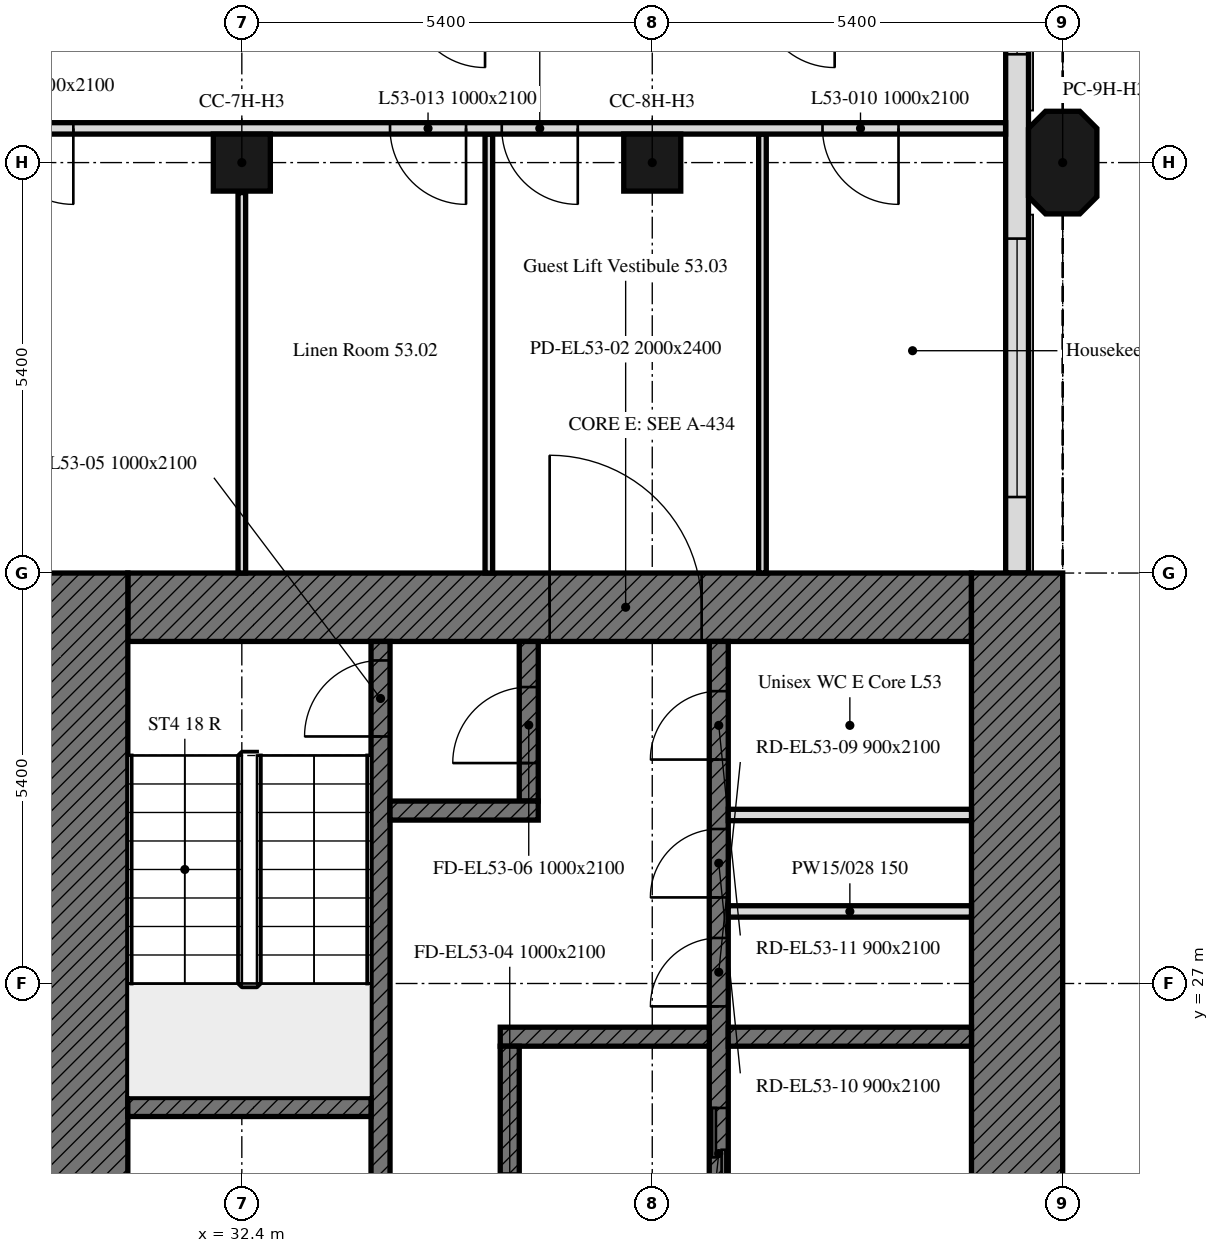
"""IFC4 building model, lengths in metres.
Left out: names, types, materials, properties, quantities, classifications, styles, units other than length and angle.
Written with IfcOpenShell. Run it as: python <this file> out.ifc"""

import sys

from ifc_helpers import new_model, si_unit, direction, frame, frame_2d, origin, origin_2d, place, context, subcontext, project, spatial, polyline, rectangle, outline, extrude, element, fill, save


model = new_model("IFC4")
c1 = context("Model", 3, precision=1e-05, world=origin(), true_north=direction((0.0, 1.0)))
c2 = subcontext(c1, "Body", "Model", "MODEL_VIEW")
j1 = project(units=[si_unit("LENGTHUNIT", "METRE"), si_unit("PLANEANGLEUNIT", "RADIAN")], contexts=[c1])
p1 = place(None, origin())
s1 = spatial("IfcSite", under=j1, at=p1, CompositionType="ELEMENT")
p2 = place(p1, origin())
s2 = spatial("IfcBuilding", under=s1, at=p2, CompositionType="ELEMENT")
p3 = place(p2, frame((0.0, 0.0, 213.7)))
s3 = spatial("IfcBuildingStorey", under=s2, at=p3, CompositionType="ELEMENT", Elevation=213.7)
for number, where, z_axis, x_axis in (
    (1, (32.4, 37.8, 0.0), (0.0, 0.0, 1.0), (1.0, 0.0, 0.0)),
    (2, (37.8, 37.8, 0.0), (0.0, 0.0, 1.0), (1.0, 0.0, 0.0)),
):
    element("IfcColumn", number, at=place(p3, frame(where, z_axis=z_axis, x_axis=x_axis)), inside=s3, PredefinedType="COLUMN", context=c2, shape_type="SweptSolid", body=[
        extrude(rectangle(XDim=0.75, YDim=0.75, at=origin_2d()), origin(), (0.0, 0.0, 1.0), 3.0),
    ])
p4 = place(p3, frame((43.2, 37.8, 0.0), z_axis=(0.0, 0.0, 1.0), x_axis=(0.0, 1.0, 0.0)))
e3 = element("IfcColumn", 3, at=p4, inside=s3, PredefinedType="COLUMN", context=c2, shape_type="SweptSolid", body=[
    extrude(outline(polyline([(-0.45, -0.45), (0.45, -0.45), (0.675, -0.225), (0.675, 0.225), (0.45, 0.45), (-0.45, 0.45), (-0.675, 0.225), (-0.675, -0.225), (-0.45, -0.45)])), origin(), (0.0, 0.0, 1.0), 3.0),
])
p5 = place(p3, frame((42.6, 32.4, 0.0), z_axis=(0.0, 0.0, 1.0), x_axis=(0.0, 1.0, 0.0)))
e4 = element("IfcWall", 4, at=p5, inside=s3, PredefinedType="SOLIDWALL", context=c2, shape_type="SweptSolid", body=[
    extrude(rectangle(XDim=10.614, YDim=0.3, at=frame_2d((5.307, 0.0))), origin(), (0.0, 0.0, 1.0), 3.0),
])
p6 = place(p5, frame((1.0, 0.0, 0.9)))
e5 = element("IfcOpeningElement", 5, at=p6, cuts=e4, PredefinedType="OPENING", context=c2, shape_type="SweptSolid", body=[
    extrude(rectangle(XDim=3.4, YDim=1.7, at=frame_2d((1.7, 0.85))), frame((0.0, 0.16, 0.0), z_axis=(0.0, -1.0, 0.0), x_axis=(1.0, 0.0, 0.0)), (0.0, 0.0, 1.0), 0.32),
])
p7 = place(p5, frame((6.825, 0.0, 0.9)))
e6 = element("IfcOpeningElement", 6, at=p7, cuts=e4, PredefinedType="OPENING", context=c2, shape_type="SweptSolid", body=[
    extrude(rectangle(XDim=0.65, YDim=1.7, at=frame_2d((0.325, 0.85))), frame((0.0, 0.16, 0.0), z_axis=(0.0, -1.0, 0.0), x_axis=(1.0, 0.0, 0.0)), (0.0, 0.0, 1.0), 0.32),
])
p8 = place(p5, frame((8.35, 0.0, 0.9)))
e7 = element("IfcOpeningElement", 7, at=p8, cuts=e4, PredefinedType="OPENING", context=c2, shape_type="SweptSolid", body=[
    extrude(rectangle(XDim=1.1, YDim=1.7, at=frame_2d((0.55, 0.85))), frame((0.0, 0.16, 0.0), z_axis=(0.0, -1.0, 0.0), x_axis=(1.0, 0.0, 0.0)), (0.0, 0.0, 1.0), 0.32),
])
p9 = place(p3, frame((30.9, 31.95, 0.0), z_axis=(0.0, 0.0, 1.0), x_axis=(1.0, 0.0, 0.0)))
e8 = element("IfcWall", 8, at=p9, inside=s3, PredefinedType="SOLIDWALL", context=c2, shape_type="SweptSolid", body=[
    extrude(rectangle(XDim=11.1, YDim=0.9, at=frame_2d((5.55, 0.0))), origin(), (0.0, 0.0, 1.0), 3.0),
])
p10 = place(p9, frame((5.55, 0.0, 0.0)))
e9 = element("IfcOpeningElement", 9, at=p10, cuts=e8, PredefinedType="OPENING", context=c2, shape_type="SweptSolid", body=[
    extrude(rectangle(XDim=2.0, YDim=2.4, at=frame_2d((1.0, 1.2))), frame((0.0, 0.45, 0.0), z_axis=(0.0, -1.0, 0.0), x_axis=(1.0, 0.0, 0.0)), (0.0, 0.0, 1.0), 0.9),
])
for number, where, z_axis, x_axis in (
    (10, (42.6, 32.4, 0.0), (0.0, 0.0, 1.0), (0.0, -1.0, 0.0)),
    (11, (30.3, 16.2, 0.0), (0.0, 0.0, 1.0), (0.0, 1.0, 0.0)),
):
    element("IfcWall", number, at=place(p3, frame(where, z_axis=z_axis, x_axis=x_axis)), inside=s3, PredefinedType="SOLIDWALL", context=c2, shape_type="SweptSolid", body=[
        extrude(rectangle(XDim=16.2, YDim=1.2, at=frame_2d((8.1, 0.0))), origin(), (0.0, 0.0, 1.0), 3.0),
    ])
p11 = place(p3, frame((38.675, 17.1, 0.0), z_axis=(0.0, 0.0, 1.0), x_axis=(0.0, 1.0, 0.0)))
e12 = element("IfcWall", 12, at=p11, inside=s3, PredefinedType="SOLIDWALL", context=c2, shape_type="SweptSolid", body=[
    extrude(rectangle(XDim=14.4, YDim=0.25, at=frame_2d((7.2, 0.0))), origin(), (0.0, 0.0, 1.0), 3.0),
])
p12 = place(p11, frame((4.6, 0.0, 0.0)))
e13 = element("IfcOpeningElement", 13, at=p12, cuts=e12, PredefinedType="OPENING", context=c2, shape_type="SweptSolid", body=[
    extrude(rectangle(XDim=1.0, YDim=2.1, at=frame_2d((0.5, 1.05))), frame((0.0, 0.125, 0.0), z_axis=(0.0, -1.0, 0.0), x_axis=(1.0, 0.0, 0.0)), (0.0, 0.0, 1.0), 0.25),
])
p13 = place(p11, frame((7.062, 0.0, 0.0)))
e14 = element("IfcOpeningElement", 14, at=p13, cuts=e12, PredefinedType="OPENING", context=c2, shape_type="SweptSolid", body=[
    extrude(rectangle(XDim=1.2, YDim=2.1, at=frame_2d((0.6, 1.05))), frame((0.0, 0.125, 0.0), z_axis=(0.0, -1.0, 0.0), x_axis=(1.0, 0.0, 0.0)), (0.0, 0.0, 1.0), 0.25),
])
p14 = place(p11, frame((9.599, 0.0, 0.0)))
e15 = element("IfcOpeningElement", 15, at=p14, cuts=e12, PredefinedType="OPENING", context=c2, shape_type="SweptSolid", body=[
    extrude(rectangle(XDim=0.9, YDim=2.1, at=frame_2d((0.45, 1.05))), frame((0.0, 0.125, 0.0), z_axis=(0.0, -1.0, 0.0), x_axis=(1.0, 0.0, 0.0)), (0.0, 0.0, 1.0), 0.25),
])
p15 = place(p11, frame((11.032, 0.0, 0.0)))
e16 = element("IfcOpeningElement", 16, at=p15, cuts=e12, PredefinedType="OPENING", context=c2, shape_type="SweptSolid", body=[
    extrude(rectangle(XDim=0.9, YDim=2.1, at=frame_2d((0.45, 1.05))), frame((0.0, 0.125, 0.0), z_axis=(0.0, -1.0, 0.0), x_axis=(1.0, 0.0, 0.0)), (0.0, 0.0, 1.0), 0.25),
])
p16 = place(p11, frame((12.846, 0.0, 0.0)))
e17 = element("IfcOpeningElement", 17, at=p16, cuts=e12, PredefinedType="OPENING", context=c2, shape_type="SweptSolid", body=[
    extrude(rectangle(XDim=0.9, YDim=2.1, at=frame_2d((0.45, 1.05))), frame((0.0, 0.125, 0.0), z_axis=(0.0, -1.0, 0.0), x_axis=(1.0, 0.0, 0.0)), (0.0, 0.0, 1.0), 0.25),
])
p17 = place(p3, frame((34.225, 17.1, 0.0), z_axis=(0.0, 0.0, 1.0), x_axis=(0.0, 1.0, 0.0)))
e18 = element("IfcWall", 18, at=p17, inside=s3, PredefinedType="SOLIDWALL", context=c2, shape_type="SweptSolid", body=[
    extrude(rectangle(XDim=14.4, YDim=0.25, at=frame_2d((7.2, 0.0))), origin(), (0.0, 0.0, 1.0), 3.0),
])
p18 = place(p17, frame((13.15, 0.0, 0.0)))
e19 = element("IfcOpeningElement", 19, at=p18, cuts=e18, PredefinedType="OPENING", context=c2, shape_type="SweptSolid", body=[
    extrude(rectangle(XDim=1.0, YDim=2.1, at=frame_2d((0.5, 1.05))), frame((0.0, 0.125, 0.0), z_axis=(0.0, -1.0, 0.0), x_axis=(1.0, 0.0, 0.0)), (0.0, 0.0, 1.0), 0.25),
])
p19 = place(p17, frame((0.6, 0.0, 0.0)))
e20 = element("IfcOpeningElement", 20, at=p19, cuts=e18, PredefinedType="OPENING", context=c2, shape_type="SweptSolid", body=[
    extrude(rectangle(XDim=1.1, YDim=2.1, at=frame_2d((0.55, 1.05))), frame((0.0, 0.125, 0.0), z_axis=(0.0, -1.0, 0.0), x_axis=(1.0, 0.0, 0.0)), (0.0, 0.0, 1.0), 0.25),
])
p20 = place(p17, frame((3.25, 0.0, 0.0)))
------------------------------
The answer should consist of all lines from the records above that hold the word "spatial".

» WORKED SOLUTION:
from ifc_helpers import new_model, si_unit, direction, frame, frame_2d, origin, origin_2d, place, context, subcontext, project, spatial, polyline, rectangle, outline, extrude, element, fill, save
s1 = spatial("IfcSite", under=j1, at=p1, CompositionType="ELEMENT")
s2 = spatial("IfcBuilding", under=s1, at=p2, CompositionType="ELEMENT")
s3 = spatial("IfcBuildingStorey", under=s2, at=p3, CompositionType="ELEMENT", Elevation=213.7)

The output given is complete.